Find the string "import" in the material. Copy every line that has it.

---

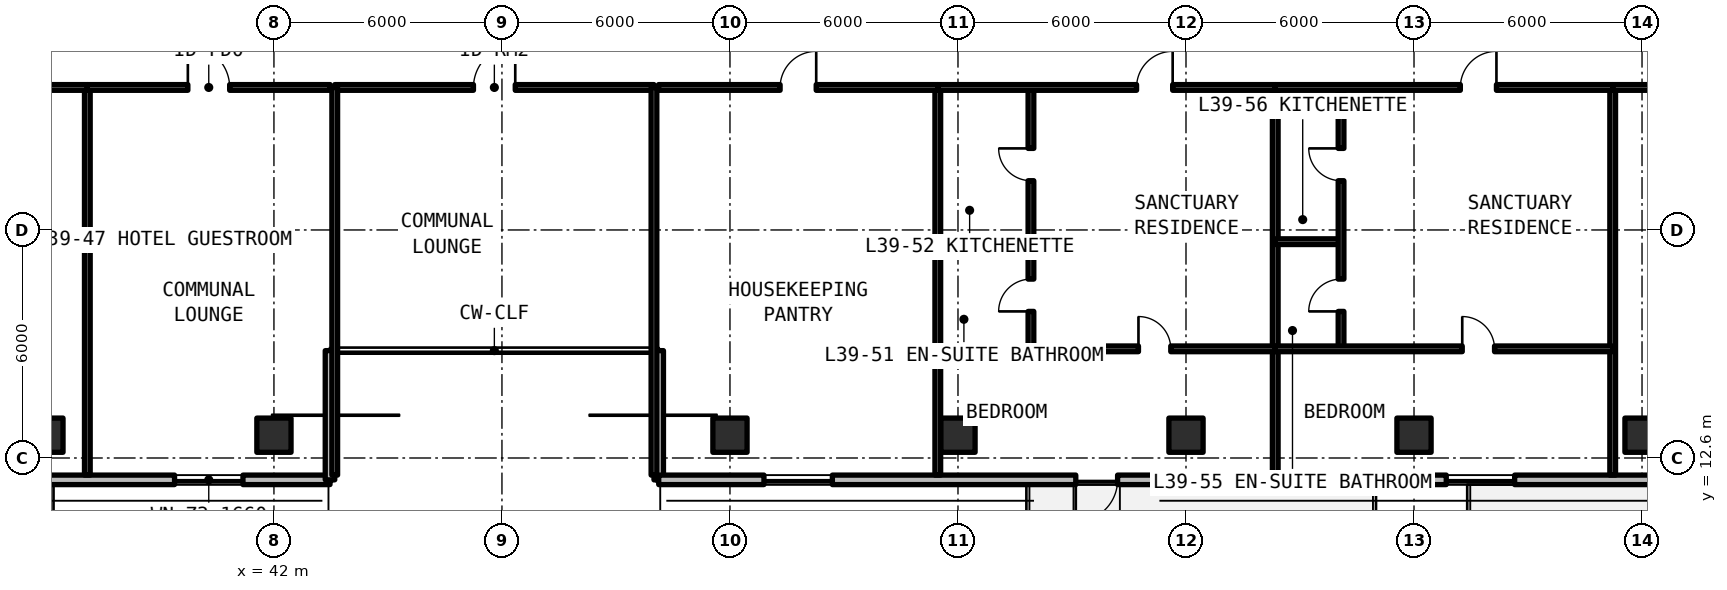
"""IFC4 building model, lengths in metres.
Left out: names, types, materials, properties, quantities, classifications, styles, units other than length and angle.
Written with IfcOpenShell. Run it as: python <this file> out.ifc"""

import sys

from ifc_helpers import new_model, si_unit, direction, frame, frame_2d, origin, origin_2d, place, context, subcontext, project, spatial, rectangle, extrude, element, fill, save


model = new_model("IFC4")
c1 = context("Model", 3, precision=1e-05, world=origin(), true_north=direction((0.0, 1.0)))
c2 = subcontext(c1, "Body", "Model", "MODEL_VIEW")
j1 = project(units=[si_unit("LENGTHUNIT", "METRE"), si_unit("PLANEANGLEUNIT", "RADIAN")], contexts=[c1])
p1 = place(None, origin())
s1 = spatial("IfcSite", under=j1, at=p1, CompositionType="ELEMENT")
p2 = place(p1, origin())
s2 = spatial("IfcBuilding", under=s1, at=p2, CompositionType="ELEMENT")
p3 = place(p2, frame((0.0, 0.0, 141.9)))
s3 = spatial("IfcBuildingStorey", under=s2, at=p3, CompositionType="ELEMENT", Elevation=141.9)
for number, where, z_axis, x_axis in (
    (1, (36.0, 13.2, 0.0), (0.0, 0.0, 1.0), (1.0, 0.0, 0.0)),
    (2, (42.0, 13.2, 0.0), (0.0, 0.0, 1.0), (1.0, 0.0, 0.0)),
    (3, (54.0, 13.2, 0.0), (0.0, 0.0, 1.0), (1.0, 0.0, 0.0)),
    (4, (60.0, 13.2, 0.0), (0.0, 0.0, 1.0), (1.0, 0.0, 0.0)),
    (5, (66.0, 13.2, 0.0), (0.0, 0.0, 1.0), (1.0, 0.0, 0.0)),
    (6, (72.0, 13.2, 0.0), (0.0, 0.0, 1.0), (1.0, 0.0, 0.0)),
    (7, (78.0, 13.2, 0.0), (0.0, 0.0, 1.0), (1.0, 0.0, 0.0)),
):
    element("IfcColumn", number, at=place(p3, frame(where, z_axis=z_axis, x_axis=x_axis)), inside=s3, PredefinedType="COLUMN", context=c2, shape_type="SweptSolid", body=[
        extrude(rectangle(XDim=0.9, YDim=0.9, at=origin_2d()), origin(), (0.0, 0.0, 1.0), 3.3),
    ])
p4 = place(p3, frame((23.852, 12.025, 0.0), z_axis=(0.0, 0.0, 1.0), x_axis=(1.0, 0.0, 0.0)))
e8 = element("IfcWall", 8, at=p4, inside=s3, PredefinedType="SOLIDWALL", context=c2, shape_type="SweptSolid", body=[
    extrude(rectangle(XDim=19.623, YDim=0.25, at=frame_2d((9.812, 0.0))), origin(), (0.0, 0.0, 1.0), 3.08),
])
p5 = place(p4, frame((3.598, 0.0, 0.0)))
e9 = element("IfcOpeningElement", 9, at=p5, cuts=e8, PredefinedType="OPENING", context=c2, shape_type="SweptSolid", body=[
    extrude(rectangle(XDim=1.1, YDim=2.15, at=frame_2d((0.55, 1.075))), frame((0.0, 0.135, 0.0), z_axis=(0.0, -1.0, 0.0), x_axis=(1.0, 0.0, 0.0)), (0.0, 0.0, 1.0), 0.27),
])
p6 = place(p4, frame((7.861, 0.0, 0.78)))
e10 = element("IfcOpeningElement", 10, at=p6, cuts=e8, PredefinedType="OPENING", context=c2, shape_type="SweptSolid", body=[
    extrude(rectangle(XDim=0.85, YDim=1.65, at=frame_2d((0.425, 0.825))), frame((0.0, 0.135, 0.0), z_axis=(0.0, -1.0, 0.0), x_axis=(1.0, 0.0, 0.0)), (0.0, 0.0, 1.0), 0.27),
])
p7 = place(p4, frame((9.915, 0.0, 0.78)))
e11 = element("IfcOpeningElement", 11, at=p7, cuts=e8, PredefinedType="OPENING", context=c2, shape_type="SweptSolid", body=[
    extrude(rectangle(XDim=1.4, YDim=1.65, at=frame_2d((0.7, 0.825))), frame((0.0, 0.135, 0.0), z_axis=(0.0, -1.0, 0.0), x_axis=(1.0, 0.0, 0.0)), (0.0, 0.0, 1.0), 0.27),
])
p8 = place(p4, frame((15.533, 0.0, 0.78)))
e12 = element("IfcOpeningElement", 12, at=p8, cuts=e8, PredefinedType="OPENING", context=c2, shape_type="SweptSolid", body=[
    extrude(rectangle(XDim=1.8, YDim=1.66, at=frame_2d((0.9, 0.83))), frame((0.0, 0.135, 0.0), z_axis=(0.0, -1.0, 0.0), x_axis=(1.0, 0.0, 0.0)), (0.0, 0.0, 1.0), 0.27),
])
for number, where, z_axis, x_axis in (
    (13, (43.475, 12.025, 0.0), (0.0, 0.0, 1.0), (0.0, 1.0, 0.0)),
    (14, (52.125, 15.425, 0.0), (0.0, 0.0, 1.0), (0.0, -1.0, 0.0)),
):
    element("IfcWall", number, at=place(p3, frame(where, z_axis=z_axis, x_axis=x_axis)), inside=s3, PredefinedType="SOLIDWALL", context=c2, shape_type="SweptSolid", body=[
        extrude(rectangle(XDim=3.4, YDim=0.25, at=frame_2d((1.7, 0.0))), origin(), (0.0, 0.0, 1.0), 3.08),
    ])
p9 = place(p3, frame((52.125, 12.025, 0.0), z_axis=(0.0, 0.0, 1.0), x_axis=(1.0, 0.0, 0.0)))
e15 = element("IfcWall", 15, at=p9, inside=s3, PredefinedType="SOLIDWALL", context=c2, shape_type="SweptSolid", body=[
    extrude(rectangle(XDim=43.623, YDim=0.25, at=frame_2d((21.812, 0.0))), origin(), (0.0, 0.0, 1.0), 3.08),
])
p10 = place(p9, frame((10.975, 0.0, 0.0)))
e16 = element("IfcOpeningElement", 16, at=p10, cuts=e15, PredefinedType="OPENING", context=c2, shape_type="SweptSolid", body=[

---

#### [TASK RESULT]
import sys
from ifc_helpers import new_model, si_unit, direction, frame, frame_2d, origin, origin_2d, place, context, subcontext, project, spatial, rectangle, extrude, element, fill, save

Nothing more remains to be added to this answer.